** Task to complete **
Once the images are removed, repeat all of the entries exactly.

[Dataset records]
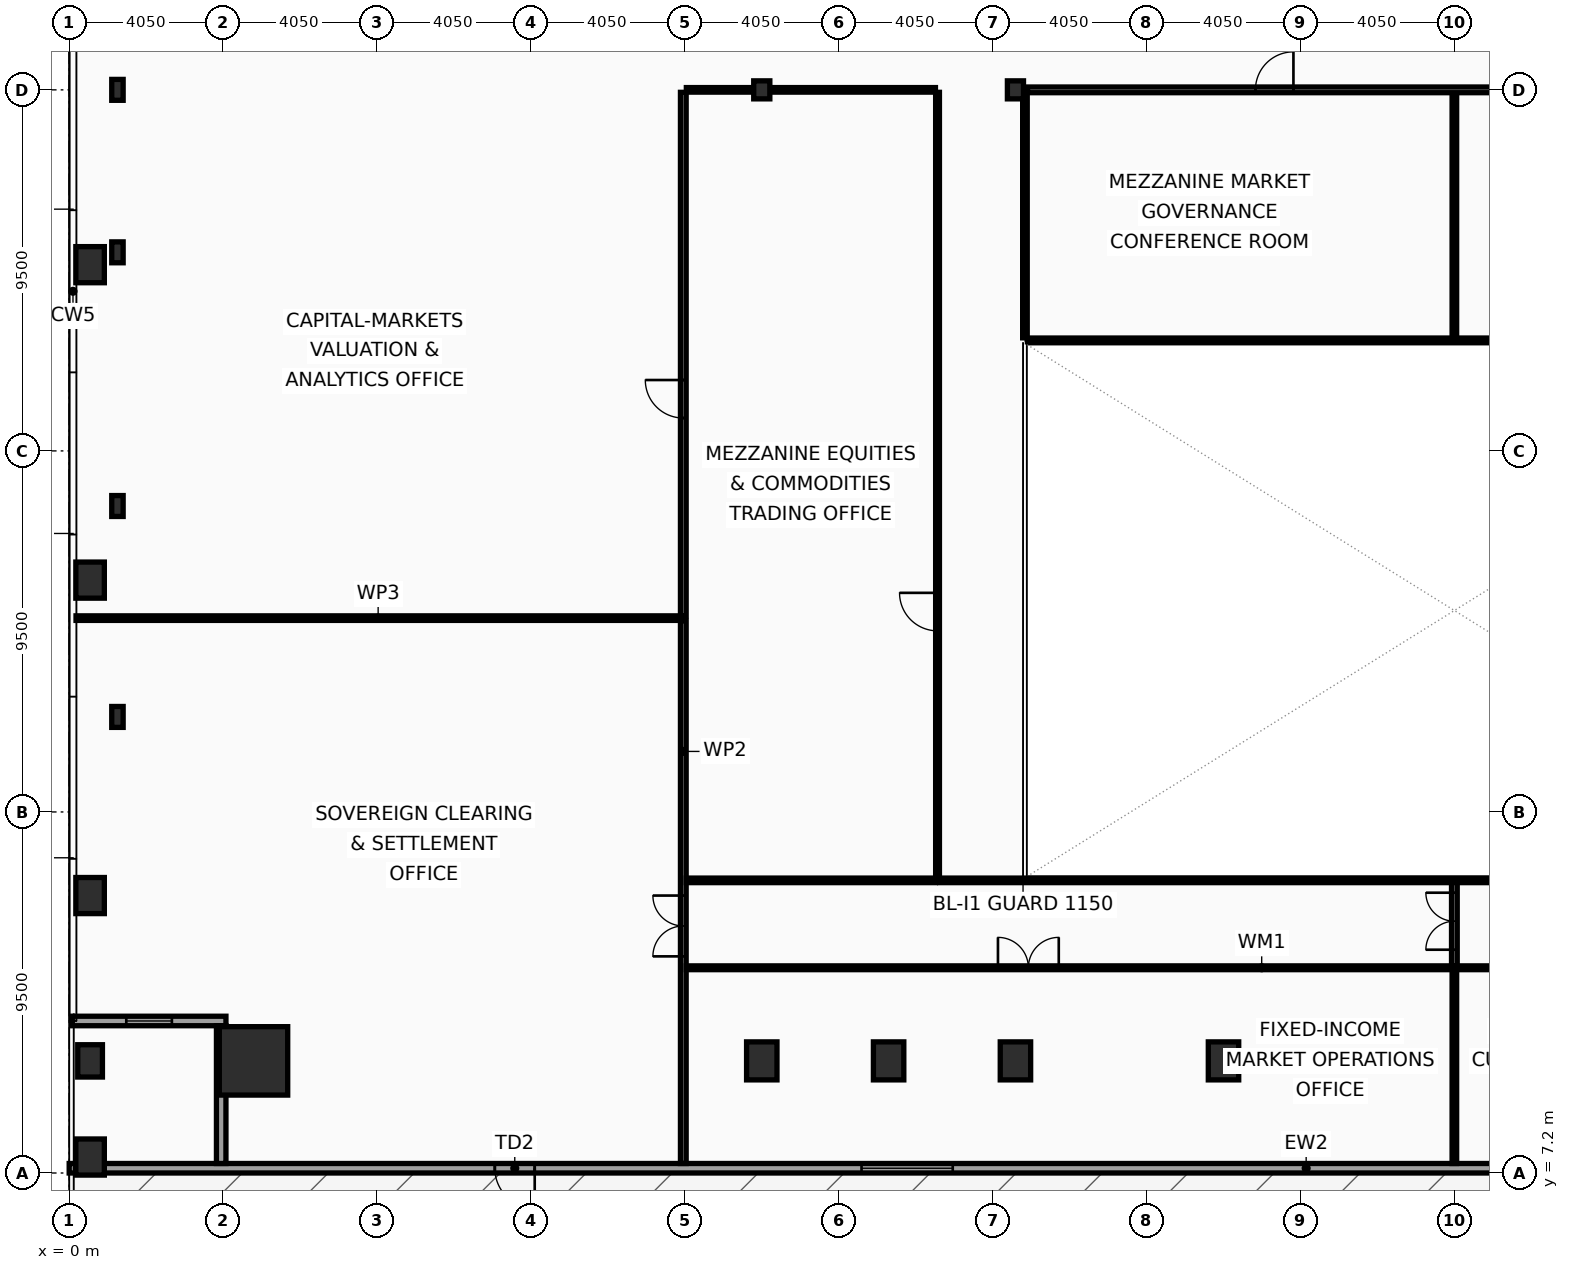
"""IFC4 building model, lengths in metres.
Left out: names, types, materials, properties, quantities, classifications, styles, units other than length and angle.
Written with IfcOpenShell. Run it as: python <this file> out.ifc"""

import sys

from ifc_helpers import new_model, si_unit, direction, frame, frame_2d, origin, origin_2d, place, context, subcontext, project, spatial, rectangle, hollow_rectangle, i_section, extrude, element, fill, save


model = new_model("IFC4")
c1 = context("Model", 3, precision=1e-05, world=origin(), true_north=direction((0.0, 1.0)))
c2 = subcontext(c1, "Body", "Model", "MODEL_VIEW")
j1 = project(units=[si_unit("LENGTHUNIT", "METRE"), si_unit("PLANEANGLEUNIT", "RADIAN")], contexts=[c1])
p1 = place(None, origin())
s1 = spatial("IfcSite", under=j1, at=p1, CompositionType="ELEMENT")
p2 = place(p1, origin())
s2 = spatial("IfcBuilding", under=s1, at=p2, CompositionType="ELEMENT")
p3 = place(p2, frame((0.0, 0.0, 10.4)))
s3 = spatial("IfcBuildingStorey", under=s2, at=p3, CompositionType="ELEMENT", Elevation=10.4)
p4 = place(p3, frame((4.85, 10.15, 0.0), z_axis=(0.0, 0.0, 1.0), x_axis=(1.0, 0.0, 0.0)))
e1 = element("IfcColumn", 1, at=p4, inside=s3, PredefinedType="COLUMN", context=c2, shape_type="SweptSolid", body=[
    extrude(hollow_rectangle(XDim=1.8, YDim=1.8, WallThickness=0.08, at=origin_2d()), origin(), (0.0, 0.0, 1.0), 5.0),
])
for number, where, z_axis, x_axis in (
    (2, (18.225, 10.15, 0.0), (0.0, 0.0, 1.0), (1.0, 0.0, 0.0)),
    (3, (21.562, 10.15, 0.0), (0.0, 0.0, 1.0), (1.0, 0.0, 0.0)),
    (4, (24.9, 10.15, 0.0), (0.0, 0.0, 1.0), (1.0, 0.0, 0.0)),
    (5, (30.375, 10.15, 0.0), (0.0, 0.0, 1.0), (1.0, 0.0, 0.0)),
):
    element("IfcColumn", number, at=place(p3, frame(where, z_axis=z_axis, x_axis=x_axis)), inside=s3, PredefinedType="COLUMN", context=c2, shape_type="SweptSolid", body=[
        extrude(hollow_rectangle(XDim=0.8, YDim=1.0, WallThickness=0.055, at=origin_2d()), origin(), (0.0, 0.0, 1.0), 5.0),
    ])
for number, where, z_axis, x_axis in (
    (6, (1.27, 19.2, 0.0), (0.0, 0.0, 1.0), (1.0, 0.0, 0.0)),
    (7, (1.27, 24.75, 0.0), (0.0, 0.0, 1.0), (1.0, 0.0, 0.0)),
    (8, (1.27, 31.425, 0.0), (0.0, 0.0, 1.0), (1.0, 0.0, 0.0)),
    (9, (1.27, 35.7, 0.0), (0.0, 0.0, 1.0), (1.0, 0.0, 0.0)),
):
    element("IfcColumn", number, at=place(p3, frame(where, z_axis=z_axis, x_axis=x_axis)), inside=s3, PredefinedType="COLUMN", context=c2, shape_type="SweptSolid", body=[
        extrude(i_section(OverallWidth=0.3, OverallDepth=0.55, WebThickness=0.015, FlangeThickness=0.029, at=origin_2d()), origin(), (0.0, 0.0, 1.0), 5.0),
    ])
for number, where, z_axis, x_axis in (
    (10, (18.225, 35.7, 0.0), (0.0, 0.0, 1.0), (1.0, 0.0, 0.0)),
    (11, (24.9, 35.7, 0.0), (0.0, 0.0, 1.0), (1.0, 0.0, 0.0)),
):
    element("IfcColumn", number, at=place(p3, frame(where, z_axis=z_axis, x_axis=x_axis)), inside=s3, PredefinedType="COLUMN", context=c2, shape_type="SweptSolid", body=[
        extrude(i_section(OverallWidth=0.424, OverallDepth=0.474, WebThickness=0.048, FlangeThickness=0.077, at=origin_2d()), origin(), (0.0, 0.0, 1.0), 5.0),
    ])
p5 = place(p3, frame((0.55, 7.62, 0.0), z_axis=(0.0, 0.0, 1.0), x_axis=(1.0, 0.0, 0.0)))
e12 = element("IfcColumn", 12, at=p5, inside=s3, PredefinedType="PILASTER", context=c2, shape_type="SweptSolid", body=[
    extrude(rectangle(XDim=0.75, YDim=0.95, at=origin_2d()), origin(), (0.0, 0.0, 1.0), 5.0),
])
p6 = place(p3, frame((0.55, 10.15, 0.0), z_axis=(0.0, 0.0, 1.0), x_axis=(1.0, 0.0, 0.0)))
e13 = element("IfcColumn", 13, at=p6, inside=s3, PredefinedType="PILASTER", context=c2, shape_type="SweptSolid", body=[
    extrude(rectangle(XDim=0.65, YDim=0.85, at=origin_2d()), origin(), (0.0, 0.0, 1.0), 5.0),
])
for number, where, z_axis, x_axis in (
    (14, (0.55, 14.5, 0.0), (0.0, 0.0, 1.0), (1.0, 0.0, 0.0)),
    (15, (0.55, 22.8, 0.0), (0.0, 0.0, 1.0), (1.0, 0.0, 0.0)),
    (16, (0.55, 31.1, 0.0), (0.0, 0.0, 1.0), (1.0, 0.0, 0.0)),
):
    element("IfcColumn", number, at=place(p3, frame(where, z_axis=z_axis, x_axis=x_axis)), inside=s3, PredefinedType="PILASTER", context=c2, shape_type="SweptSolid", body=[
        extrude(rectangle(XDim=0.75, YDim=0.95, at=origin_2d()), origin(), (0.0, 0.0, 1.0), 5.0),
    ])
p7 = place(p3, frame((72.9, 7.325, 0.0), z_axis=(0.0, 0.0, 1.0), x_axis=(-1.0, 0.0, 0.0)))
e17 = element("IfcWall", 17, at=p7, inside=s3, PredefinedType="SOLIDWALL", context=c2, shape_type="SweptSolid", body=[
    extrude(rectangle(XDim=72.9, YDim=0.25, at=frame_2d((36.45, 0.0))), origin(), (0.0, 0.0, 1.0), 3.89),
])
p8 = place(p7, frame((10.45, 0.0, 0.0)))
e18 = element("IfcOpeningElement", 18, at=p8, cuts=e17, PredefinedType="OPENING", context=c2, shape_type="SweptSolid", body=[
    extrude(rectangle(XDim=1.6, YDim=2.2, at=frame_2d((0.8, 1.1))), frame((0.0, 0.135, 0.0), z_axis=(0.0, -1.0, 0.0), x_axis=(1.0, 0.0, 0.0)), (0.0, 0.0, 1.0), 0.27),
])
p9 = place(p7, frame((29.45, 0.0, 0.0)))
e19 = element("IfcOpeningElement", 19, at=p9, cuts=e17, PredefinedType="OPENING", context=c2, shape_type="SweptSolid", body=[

** Finished task **
"""IFC4 building model, lengths in metres.
Left out: names, types, materials, properties, quantities, classifications, styles, units other than length and angle.
Written with IfcOpenShell. Run it as: python <this file> out.ifc"""

import sys

from ifc_helpers import new_model, si_unit, direction, frame, frame_2d, origin, origin_2d, place, context, subcontext, project, spatial, rectangle, hollow_rectangle, i_section, extrude, element, fill, save


model = new_model("IFC4")
c1 = context("Model", 3, precision=1e-05, world=origin(), true_north=direction((0.0, 1.0)))
c2 = subcontext(c1, "Body", "Model", "MODEL_VIEW")
j1 = project(units=[si_unit("LENGTHUNIT", "METRE"), si_unit("PLANEANGLEUNIT", "RADIAN")], contexts=[c1])
p1 = place(None, origin())
s1 = spatial("IfcSite", under=j1, at=p1, CompositionType="ELEMENT")
p2 = place(p1, origin())
s2 = spatial("IfcBuilding", under=s1, at=p2, CompositionType="ELEMENT")
p3 = place(p2, frame((0.0, 0.0, 10.4)))
s3 = spatial("IfcBuildingStorey", under=s2, at=p3, CompositionType="ELEMENT", Elevation=10.4)
p4 = place(p3, frame((4.85, 10.15, 0.0), z_axis=(0.0, 0.0, 1.0), x_axis=(1.0, 0.0, 0.0)))
e1 = element("IfcColumn", 1, at=p4, inside=s3, PredefinedType="COLUMN", context=c2, shape_type="SweptSolid", body=[
    extrude(hollow_rectangle(XDim=1.8, YDim=1.8, WallThickness=0.08, at=origin_2d()), origin(), (0.0, 0.0, 1.0), 5.0),
])
for number, where, z_axis, x_axis in (
    (2, (18.225, 10.15, 0.0), (0.0, 0.0, 1.0), (1.0, 0.0, 0.0)),
    (3, (21.562, 10.15, 0.0), (0.0, 0.0, 1.0), (1.0, 0.0, 0.0)),
    (4, (24.9, 10.15, 0.0), (0.0, 0.0, 1.0), (1.0, 0.0, 0.0)),
    (5, (30.375, 10.15, 0.0), (0.0, 0.0, 1.0), (1.0, 0.0, 0.0)),
):
    element("IfcColumn", number, at=place(p3, frame(where, z_axis=z_axis, x_axis=x_axis)), inside=s3, PredefinedType="COLUMN", context=c2, shape_type="SweptSolid", body=[
        extrude(hollow_rectangle(XDim=0.8, YDim=1.0, WallThickness=0.055, at=origin_2d()), origin(), (0.0, 0.0, 1.0), 5.0),
    ])
for number, where, z_axis, x_axis in (
    (6, (1.27, 19.2, 0.0), (0.0, 0.0, 1.0), (1.0, 0.0, 0.0)),
    (7, (1.27, 24.75, 0.0), (0.0, 0.0, 1.0), (1.0, 0.0, 0.0)),
    (8, (1.27, 31.425, 0.0), (0.0, 0.0, 1.0), (1.0, 0.0, 0.0)),
    (9, (1.27, 35.7, 0.0), (0.0, 0.0, 1.0), (1.0, 0.0, 0.0)),
):
    element("IfcColumn", number, at=place(p3, frame(where, z_axis=z_axis, x_axis=x_axis)), inside=s3, PredefinedType="COLUMN", context=c2, shape_type="SweptSolid", body=[
        extrude(i_section(OverallWidth=0.3, OverallDepth=0.55, WebThickness=0.015, FlangeThickness=0.029, at=origin_2d()), origin(), (0.0, 0.0, 1.0), 5.0),
    ])
for number, where, z_axis, x_axis in (
    (10, (18.225, 35.7, 0.0), (0.0, 0.0, 1.0), (1.0, 0.0, 0.0)),
    (11, (24.9, 35.7, 0.0), (0.0, 0.0, 1.0), (1.0, 0.0, 0.0)),
):
    element("IfcColumn", number, at=place(p3, frame(where, z_axis=z_axis, x_axis=x_axis)), inside=s3, PredefinedType="COLUMN", context=c2, shape_type="SweptSolid", body=[
        extrude(i_section(OverallWidth=0.424, OverallDepth=0.474, WebThickness=0.048, FlangeThickness=0.077, at=origin_2d()), origin(), (0.0, 0.0, 1.0), 5.0),
    ])
p5 = place(p3, frame((0.55, 7.62, 0.0), z_axis=(0.0, 0.0, 1.0), x_axis=(1.0, 0.0, 0.0)))
e12 = element("IfcColumn", 12, at=p5, inside=s3, PredefinedType="PILASTER", context=c2, shape_type="SweptSolid", body=[
    extrude(rectangle(XDim=0.75, YDim=0.95, at=origin_2d()), origin(), (0.0, 0.0, 1.0), 5.0),
])
p6 = place(p3, frame((0.55, 10.15, 0.0), z_axis=(0.0, 0.0, 1.0), x_axis=(1.0, 0.0, 0.0)))
e13 = element("IfcColumn", 13, at=p6, inside=s3, PredefinedType="PILASTER", context=c2, shape_type="SweptSolid", body=[
    extrude(rectangle(XDim=0.65, YDim=0.85, at=origin_2d()), origin(), (0.0, 0.0, 1.0), 5.0),
])
for number, where, z_axis, x_axis in (
    (14, (0.55, 14.5, 0.0), (0.0, 0.0, 1.0), (1.0, 0.0, 0.0)),
    (15, (0.55, 22.8, 0.0), (0.0, 0.0, 1.0), (1.0, 0.0, 0.0)),
    (16, (0.55, 31.1, 0.0), (0.0, 0.0, 1.0), (1.0, 0.0, 0.0)),
):
    element("IfcColumn", number, at=place(p3, frame(where, z_axis=z_axis, x_axis=x_axis)), inside=s3, PredefinedType="PILASTER", context=c2, shape_type="SweptSolid", body=[
        extrude(rectangle(XDim=0.75, YDim=0.95, at=origin_2d()), origin(), (0.0, 0.0, 1.0), 5.0),
    ])
p7 = place(p3, frame((72.9, 7.325, 0.0), z_axis=(0.0, 0.0, 1.0), x_axis=(-1.0, 0.0, 0.0)))
e17 = element("IfcWall", 17, at=p7, inside=s3, PredefinedType="SOLIDWALL", context=c2, shape_type="SweptSolid", body=[
    extrude(rectangle(XDim=72.9, YDim=0.25, at=frame_2d((36.45, 0.0))), origin(), (0.0, 0.0, 1.0), 3.89),
])
p8 = place(p7, frame((10.45, 0.0, 0.0)))
e18 = element("IfcOpeningElement", 18, at=p8, cuts=e17, PredefinedType="OPENING", context=c2, shape_type="SweptSolid", body=[
    extrude(rectangle(XDim=1.6, YDim=2.2, at=frame_2d((0.8, 1.1))), frame((0.0, 0.135, 0.0), z_axis=(0.0, -1.0, 0.0), x_axis=(1.0, 0.0, 0.0)), (0.0, 0.0, 1.0), 0.27),
])
p9 = place(p7, frame((29.45, 0.0, 0.0)))
e19 = element("IfcOpeningElement", 19, at=p9, cuts=e17, PredefinedType="OPENING", context=c2, shape_type="SweptSolid", body=[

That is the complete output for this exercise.